##### Supplied records
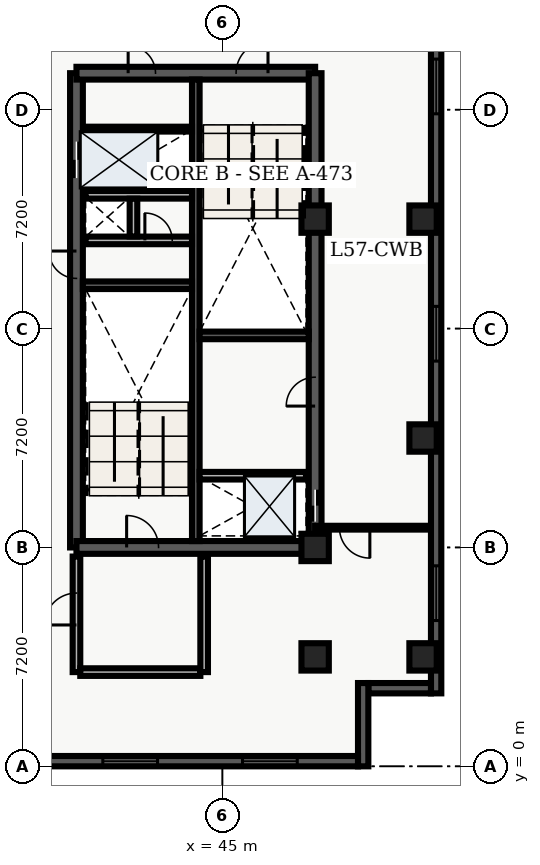
"""IFC4 building model, lengths in metres.
Left out: names, types, materials, properties, quantities, classifications, styles, units other than length and angle.
Written with IfcOpenShell. Run it as: python <this file> out.ifc"""

import sys

from ifc_helpers import new_model, entity, si_unit, converted_unit, direction, frame, origin_with_axes, origin_2d_with_axis, place, context, subcontext, project, spatial, polyline, rectangle, outline, extrude, element, fill, save


model = new_model("IFC4")
c1 = context("Model", 3, precision=1e-05, world=origin_with_axes(), true_north=direction((0.0, 1.0)))
c2 = subcontext(c1, "Body", "Model", "MODEL_VIEW")
j1 = project(units=[si_unit("LENGTHUNIT", "METRE"), converted_unit("PLANEANGLEUNIT", "DEGREE", entity("IfcPlaneAngleMeasure", 0.017), si_unit("PLANEANGLEUNIT", "RADIAN"), dimensions=[0, 0, 0, 0, 0, 0, 0])], contexts=[c1])
p1 = place(None, origin_with_axes())
s1 = spatial("IfcSite", under=j1, at=p1, CompositionType="ELEMENT")
p2 = place(p1, origin_with_axes())
s2 = spatial("IfcBuilding", under=s1, at=p2, CompositionType="ELEMENT")
p3 = place(p2, frame((0.0, 0.0, 232.5), z_axis=(0.0, 0.0, 1.0), x_axis=(1.0, 0.0, 0.0)))
s3 = spatial("IfcBuildingStorey", under=s2, at=p3, CompositionType="ELEMENT", Elevation=232.5)
p4 = place(p3, frame((40.2, 7.2, 0.0), z_axis=(0.0, 0.0, 1.0), x_axis=(0.0, 1.0, 0.0)))
e1 = element("IfcWall", 1, at=p4, inside=s3, PredefinedType="SHEAR", context=c2, shape_type="SweptSolid", body=[
    extrude(outline(polyline([(0.0, -0.21), (15.6, -0.21), (15.6, 0.21), (0.0, 0.21), (0.0, -0.21)])), origin_with_axes(), (0.0, 0.0, 1.0), 3.66),
])
p5 = place(p4, frame((12.75, 0.0, 0.0), z_axis=(0.0, 0.0, 1.0), x_axis=(1.0, 0.0, 0.0)))
e2 = element("IfcOpeningElement", 2, at=p5, cuts=e1, PredefinedType="OPENING", context=c2, shape_type="SweptSolid", body=[
    extrude(rectangle(XDim=1.2, YDim=0.44, at=origin_2d_with_axis()), origin_with_axes(), (0.0, 0.0, 1.0), 2.15),
])
p6 = place(p4, frame((9.3, 0.0, 0.0), z_axis=(0.0, 0.0, 1.0), x_axis=(1.0, 0.0, 0.0)))
e3 = element("IfcOpeningElement", 3, at=p6, cuts=e1, PredefinedType="OPENING", context=c2, shape_type="SweptSolid", body=[
    extrude(rectangle(XDim=0.9, YDim=0.44, at=origin_2d_with_axis()), origin_with_axes(), (0.0, 0.0, 1.0), 2.15),
])
p7 = place(p3, frame((40.2, 7.2, 0.0), z_axis=(0.0, 0.0, 1.0), x_axis=(1.0, 0.0, 0.0)))
e4 = element("IfcWall", 4, at=p7, inside=s3, PredefinedType="SHEAR", context=c2, shape_type="SweptSolid", body=[
    extrude(outline(polyline([(0.0, -0.21), (7.85, -0.21), (7.85, 0.21), (0.0, 0.21), (0.0, -0.21)])), origin_with_axes(), (0.0, 0.0, 1.0), 3.66),
])
p8 = place(p7, frame((2.175, 0.0, 0.0), z_axis=(0.0, 0.0, 1.0), x_axis=(1.0, 0.0, 0.0)))
e5 = element("IfcOpeningElement", 5, at=p8, cuts=e4, PredefinedType="OPENING", context=c2, shape_type="SweptSolid", body=[
    extrude(rectangle(XDim=1.05, YDim=0.44, at=origin_2d_with_axis()), origin_with_axes(), (0.0, 0.0, 1.0), 2.15),
])
p9 = place(p3, frame((40.2, 22.8, 0.0), z_axis=(0.0, 0.0, 1.0), x_axis=(1.0, 0.0, 0.0)))
e6 = element("IfcWall", 6, at=p9, inside=s3, PredefinedType="SHEAR", context=c2, shape_type="SweptSolid", body=[
    extrude(outline(polyline([(0.0, -0.21), (7.85, -0.21), (7.85, 0.21), (0.0, 0.21), (0.0, -0.21)])), origin_with_axes(), (0.0, 0.0, 1.0), 3.66),
])
p10 = place(p9, frame((5.775, 0.0, 0.0), z_axis=(0.0, 0.0, 1.0), x_axis=(1.0, 0.0, 0.0)))
e7 = element("IfcOpeningElement", 7, at=p10, cuts=e6, PredefinedType="OPENING", context=c2, shape_type="SweptSolid", body=[
    extrude(rectangle(XDim=1.05, YDim=0.44, at=origin_2d_with_axis()), origin_with_axes(), (0.0, 0.0, 1.0), 2.15),
])
p11 = place(p9, frame((2.15, 0.0, 0.0), z_axis=(0.0, 0.0, 1.0), x_axis=(1.0, 0.0, 0.0)))
e8 = element("IfcOpeningElement", 8, at=p11, cuts=e6, PredefinedType="OPENING", context=c2, shape_type="SweptSolid", body=[
    extrude(rectangle(XDim=0.9, YDim=0.44, at=origin_2d_with_axis()), origin_with_axes(), (0.0, 0.0, 1.0), 2.15),
])
p12 = place(p3, frame((48.05, 7.2, 0.0), z_axis=(0.0, 0.0, 1.0), x_axis=(0.0, 1.0, 0.0)))
e9 = element("IfcWall", 9, at=p12, inside=s3, PredefinedType="SHEAR", context=c2, shape_type="SweptSolid", body=[
    extrude(outline(polyline([(0.0, -0.21), (15.6, -0.21), (15.6, 0.21), (0.0, 0.21), (0.0, -0.21)])), origin_with_axes(), (0.0, 0.0, 1.0), 3.66),
])
p13 = place(p12, frame((1.375, 0.0, 0.0), z_axis=(0.0, 0.0, 1.0), x_axis=(1.0, 0.0, 0.0)))
e10 = element("IfcOpeningElement", 10, at=p13, cuts=e9, PredefinedType="OPENING", context=c2, shape_type="SweptSolid", body=[
    extrude(rectangle(XDim=1.05, YDim=0.44, at=origin_2d_with_axis()), origin_with_axes(), (0.0, 0.0, 1.0), 2.15),
])
p14 = place(p12, frame((5.125, 0.0, 0.0), z_axis=(0.0, 0.0, 1.0), x_axis=(1.0, 0.0, 0.0)))
e11 = element("IfcOpeningElement", 11, at=p14, cuts=e9, PredefinedType="OPENING", context=c2, shape_type="SweptSolid", body=[
    extrude(rectangle(XDim=0.95, YDim=0.44, at=origin_2d_with_axis()), origin_with_axes(), (0.0, 0.0, 1.0), 2.15),
])
p15 = place(p3, frame((44.125, 7.41, 0.0), z_axis=(0.0, 0.0, 1.0), x_axis=(0.0, 1.0, 0.0)))
e12 = element("IfcWall", 12, at=p15, inside=s3, PredefinedType="SHEAR", context=c2, shape_type="SweptSolid", body=[
    extrude(outline(polyline([(0.0, -0.125), (15.18, -0.125), (15.18, 0.125), (0.0, 0.125), (0.0, -0.125)])), origin_with_axes(), (0.0, 0.0, 1.0), 3.66),
])
for number, where, z_axis, x_axis in (
    (13, (40.41, 15.825, 0.0), (0.0, 0.0, 1.0), (1.0, 0.0, 0.0)),
    (14, (44.25, 14.175, 0.0), (0.0, 0.0, 1.0), (1.0, 0.0, 0.0)),
):
    element("IfcWall", number, at=place(p3, frame(where, z_axis=z_axis, x_axis=x_axis)), inside=s3, PredefinedType="SHEAR", context=c2, shape_type="SweptSolid", body=[
        extrude(outline(polyline([(0.0, -0.125), (3.59, -0.125), (3.59, 0.125), (0.0, 0.125), (0.0, -0.125)])), origin_with_axes(), (0.0, 0.0, 1.0), 3.66),
    ])
p16 = place(p3, frame((40.5, 17.3, 0.0), z_axis=(0.0, 0.0, 1.0), x_axis=(1.0, 0.0, 0.0)))
e15 = element("IfcWall", 15, at=p16, inside=s3, PredefinedType="SOLIDWALL", context=c2, shape_type="SweptSolid", body=[
    extrude(outline(polyline([(0.0, -0.125), (3.5, -0.125), (3.5, 0.125), (0.0, 0.125), (0.0, -0.125)])), origin_with_axes(), (0.0, 0.0, 1.0), 2.7),
])
p17 = place(p16, frame((2.4, 0.0, 0.0), z_axis=(0.0, 0.0, 1.0), x_axis=(1.0, 0.0, 0.0)))
e16 = element("IfcOpeningElement", 16, at=p17, cuts=e15, PredefinedType="OPENING", context=c2, shape_type="SweptSolid", body=[
    extrude(rectangle(XDim=0.9, YDim=0.27, at=origin_2d_with_axis()), origin_with_axes(), (0.0, 0.0, 1.0), 2.15),
])
p18 = place(p3, frame((40.5, 18.8, 0.0), z_axis=(0.0, 0.0, 1.0), x_axis=(1.0, 0.0, 0.0)))
e17 = element("IfcWall", 17, at=p18, inside=s3, PredefinedType="SOLIDWALL", context=c2, shape_type="SweptSolid", body=[
    extrude(outline(polyline([(0.0, -0.125), (3.5, -0.125), (3.5, 0.125), (0.0, 0.125), (0.0, -0.125)])), origin_with_axes(), (0.0, 0.0, 1.0), 2.7),
])
p19 = place(p3, frame((42.075, 17.43, 0.0), z_axis=(0.0, 0.0, 1.0), x_axis=(0.0, 1.0, 0.0)))
e18 = element("IfcWall", 18, at=p19, inside=s3, PredefinedType="SOLIDWALL", context=c2, shape_type="SweptSolid", body=[
    extrude(outline(polyline([(0.0, -0.125), (1.24, -0.125), (1.24, 0.125), (0.0, 0.125), (0.0, -0.125)])), origin_with_axes(), (0.0, 0.0, 1.0), 2.7),
])
p20 = place(p3, frame((40.2, 3.1, 0.0), z_axis=(0.0, 0.0, 1.0), x_axis=(0.0, 1.0, 0.0)))
e19 = element("IfcWall", 19, at=p20, inside=s3, PredefinedType="SOLIDWALL", context=c2, shape_type="SweptSolid", body=[
    extrude(outline(polyline([(0.0, -0.125), (3.8, -0.125), (3.8, 0.125), (0.0, 0.125), (0.0, -0.125)])), origin_with_axes(), (0.0, 0.0, 1.0), 2.7),
])
p21 = place(p20, frame((2.075, 0.0, 0.0), z_axis=(0.0, 0.0, 1.0), x_axis=(1.0, 0.0, 0.0)))
e20 = element("IfcOpeningElement", 20, at=p21, cuts=e19, PredefinedType="OPENING", context=c2, shape_type="SweptSolid", body=[
    extrude(rectangle(XDim=1.05, YDim=0.27, at=origin_2d_with_axis()), origin_with_axes(), (0.0, 0.0, 1.0), 2.15),
])
p22 = place(p3, frame((40.325, 3.1, 0.0), z_axis=(0.0, 0.0, 1.0), x_axis=(1.0, 0.0, 0.0)))
e21 = element("IfcWall", 21, at=p22, inside=s3, PredefinedType="SOLIDWALL", context=c2, shape_type="SweptSolid", body=[
    extrude(outline(polyline([(0.0, -0.125), (3.95, -0.125), (3.95, 0.125), (0.0, 0.125), (0.0, -0.125)])), origin_with_axes(), (0.0, 0.0, 1.0), 2.7),
])
p23 = place(p3, frame((44.4, 3.1, 0.0), z_axis=(0.0, 0.0, 1.0), x_axis=(0.0, 1.0, 0.0)))
e22 = element("IfcWall", 22, at=p23, inside=s3, PredefinedType="SOLIDWALL", context=c2, shape_type="SweptSolid", body=[
    extrude(outline(polyline([(0.0, -0.125), (3.8, -0.125), (3.8, 0.125), (0.0, 0.125), (0.0, -0.125)])), origin_with_axes(), (0.0, 0.0, 1.0), 2.7),
])
for number, where, z_axis, x_axis in (
    (23, (48.05, 3.6, 0.0), (0.0, 0.0, 1.0), (1.0, 0.0, 0.0)),
    (24, (48.05, 7.2, 0.0), (0.0, 0.0, 1.0), (1.0, 0.0, 0.0)),
    (25, (48.05, 18.0, 0.0), (0.0, 0.0, 1.0), (1.0, 0.0, 0.0)),
    (26, (51.6, 3.6, 0.0), (0.0, 0.0, 1.0), (1.0, 0.0, 0.0)),
    (27, (51.6, 10.8, 0.0), (0.0, 0.0, 1.0), (1.0, 0.0, 0.0)),
    (28, (51.6, 18.0, 0.0), (0.0, 0.0, 1.0), (1.0, 0.0, 0.0)),
):
    element("IfcColumn", number, at=place(p3, frame(where, z_axis=z_axis, x_axis=x_axis)), inside=s3, PredefinedType="COLUMN", context=c2, shape_type="SweptSolid", body=[
        extrude(rectangle(XDim=0.9, YDim=0.9, at=origin_2d_with_axis()), origin_with_axes(), (0.0, 0.0, 1.0), 3.9),
    ])
p24 = place(p3, frame((40.5, 20.96, 0.0), z_axis=(0.0, 0.0, 1.0), x_axis=(1.0, 0.0, 0.0)))
e29 = element("IfcWall", 29, at=p24, inside=s3, PredefinedType="PARTITIONING", context=c2, shape_type="SweptSolid", body=[
    extrude(outline(polyline([(0.0, -0.08), (3.5, -0.08), (3.5, 0.08), (0.0, 0.08), (0.0, -0.08)])), origin_with_axes(), (0.0, 0.0, 1.0), 2.7),
])
p25 = place(p3, frame((44.25, 9.56, 0.0), z_axis=(0.0, 0.0, 1.0), x_axis=(1.0, 0.0, 0.0)))
e30 = element("IfcWall", 30, at=p25, inside=s3, PredefinedType="SOLIDWALL", context=c2, shape_type="SweptSolid", body=[
    extrude(outline(polyline([(0.0, -0.125), (3.5, -0.125), (3.5, 0.125), (0.0, 0.125), (0.0, -0.125)])), origin_with_axes(), (0.0, 0.0, 1.0), 2.7),
])
p26 = place(p3, frame((51.865, 7.85, 0.0), z_axis=(0.0, 0.0, 1.0), x_axis=(-1.0, 0.0, 0.0)))
e31 = element("IfcWall", 31, at=p26, inside=s3, PredefinedType="PARTITIONING", context=c2, shape_type="SweptSolid", body=[
    extrude(outline(polyline([(0.0, -0.062), (3.815, -0.062), (3.815, 0.062), (0.0, 0.062), (0.0, -0.062)])), origin_with_axes(), (0.0, 0.0, 1.0), 2.7),
])
p27 = place(p26, frame((2.515, 0.0, 0.0), z_axis=(0.0, 0.0, 1.0), x_axis=(1.0, 0.0, 0.0)))
e32 = element("IfcOpeningElement", 32, at=p27, cuts=e31, PredefinedType="OPENING", context=c2, shape_type="SweptSolid", body=[
    extrude(rectangle(XDim=1.0, YDim=0.145, at=origin_2d_with_axis()), origin_with_axes(), (0.0, 0.0, 1.0), 2.15),
])
p28 = place(p3, frame((52.03, 26.06, 0.0), z_axis=(0.0, 0.0, 1.0), x_axis=(0.0, -1.0, 0.0)))
e33 = element("IfcWall", 33, at=p28, inside=s3, PredefinedType="SOLIDWALL", context=c2, shape_type="SweptSolid", body=[
    extrude(outline(polyline([(0.0, -0.17), (23.66, -0.17), (23.66, 0.17), (0.0, 0.17), (0.0, -0.17)])), origin_with_axes(), (0.0, 0.0, 1.0), 3.66),
])
p29 = place(p28, frame((3.696, 0.0, 0.45), z_axis=(0.0, 0.0, 1.0), x_axis=(1.0, 0.0, 0.0)))
e34 = element("IfcOpeningElement", 34, at=p29, cuts=e33, PredefinedType="OPENING", context=c2, shape_type="SweptSolid", body=[
    extrude(rectangle(XDim=1.8, YDim=0.36, at=origin_2d_with_axis()), origin_with_axes(), (0.0, 0.0, 1.0), 2.1),
])
p30 = place(p28, frame((11.83, 0.0, 0.45), z_axis=(0.0, 0.0, 1.0), x_axis=(1.0, 0.0, 0.0)))
e35 = element("IfcOpeningElement", 35, at=p30, cuts=e33, PredefinedType="OPENING", context=c2, shape_type="SweptSolid", body=[
    extrude(rectangle(XDim=1.8, YDim=0.36, at=origin_2d_with_axis()), origin_with_axes(), (0.0, 0.0, 1.0), 2.1),
])
p31 = place(p28, frame((20.364, 0.0, 0.45), z_axis=(0.0, 0.0, 1.0), x_axis=(1.0, 0.0, 0.0)))
e36 = element("IfcOpeningElement", 36, at=p31, cuts=e33, PredefinedType="OPENING", context=c2, shape_type="SweptSolid", body=[
    extrude(rectangle(XDim=1.8, YDim=0.36, at=origin_2d_with_axis()), origin_with_axes(), (0.0, 0.0, 1.0), 2.1),
])
p32 = place(p3, frame((51.86, 2.57, 0.0), z_axis=(0.0, 0.0, 1.0), x_axis=(-1.0, 0.0, 0.0)))
e37 = element("IfcWall", 37, at=p32, inside=s3, PredefinedType="SOLIDWALL", context=c2, shape_type="SweptSolid", body=[
    extrude(outline(polyline([(0.0, -0.17), (2.06, -0.17), (2.06, 0.17), (0.0, 0.17), (0.0, -0.17)])), origin_with_axes(), (0.0, 0.0, 1.0), 3.66),
])
p33 = place(p3, frame((49.63, 2.74, 0.0), z_axis=(0.0, 0.0, 1.0), x_axis=(0.0, -1.0, 0.0)))
e38 = element("IfcWall", 38, at=p33, inside=s3, PredefinedType="SOLIDWALL", context=c2, shape_type="SweptSolid", body=[
    extrude(outline(polyline([(0.0, -0.17), (2.74, -0.17), (2.74, 0.17), (0.0, 0.17), (0.0, -0.17)])), origin_with_axes(), (0.0, 0.0, 1.0), 3.66),
])
p34 = place(p3, frame((49.46, 0.17, 0.0), z_axis=(0.0, 0.0, 1.0), x_axis=(-1.0, 0.0, 0.0)))
e39 = element("IfcWall", 39, at=p34, inside=s3, PredefinedType="SOLIDWALL", context=c2, shape_type="SweptSolid", body=[
    extrude(outline(polyline([(0.0, -0.17), (42.56, -0.17), (42.56, 0.17), (0.0, 0.17), (0.0, -0.17)])), origin_with_axes(), (0.0, 0.0, 1.0), 3.66),
])
p35 = place(p34, frame((2.898, 0.0, 0.45), z_axis=(0.0, 0.0, 1.0), x_axis=(1.0, 0.0, 0.0)))
e40 = element("IfcOpeningElement", 40, at=p35, cuts=e39, PredefinedType="OPENING", context=c2, shape_type="SweptSolid", body=[
    extrude(rectangle(XDim=1.8, YDim=0.36, at=origin_2d_with_axis()), origin_with_axes(), (0.0, 0.0, 1.0), 2.1),
])
p36 = place(p34, frame((7.493, 0.0, 0.45), z_axis=(0.0, 0.0, 1.0), x_axis=(1.0, 0.0, 0.0)))
e41 = element("IfcOpeningElement", 41, at=p36, cuts=e39, PredefinedType="OPENING", context=c2, shape_type="SweptSolid", body=[
    extrude(rectangle(XDim=1.8, YDim=0.36, at=origin_2d_with_axis()), origin_with_axes(), (0.0, 0.0, 1.0), 2.1),
])
p37 = place(p34, frame((12.089, 0.0, 0.45), z_axis=(0.0, 0.0, 1.0), x_axis=(1.0, 0.0, 0.0)))
e42 = element("IfcOpeningElement", 42, at=p37, cuts=e39, PredefinedType="OPENING", context=c2, shape_type="SweptSolid", body=[
    extrude(rectangle(XDim=1.8, YDim=0.36, at=origin_2d_with_axis()), origin_with_axes(), (0.0, 0.0, 1.0), 2.1),
])
p38 = place(p34, frame((16.684, 0.0, 0.45), z_axis=(0.0, 0.0, 1.0), x_axis=(1.0, 0.0, 0.0)))
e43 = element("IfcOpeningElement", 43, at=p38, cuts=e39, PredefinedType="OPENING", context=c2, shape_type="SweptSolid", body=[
##########
§ **Work request**: What lines of the data include the word "subcontext"? Copy each of them.

§ **Written answer**:
from ifc_helpers import new_model, entity, si_unit, converted_unit, direction, frame, origin_with_axes, origin_2d_with_axis, place, context, subcontext, project, spatial, polyline, rectangle, outline, extrude, element, fill, save
c2 = subcontext(c1, "Body", "Model", "MODEL_VIEW")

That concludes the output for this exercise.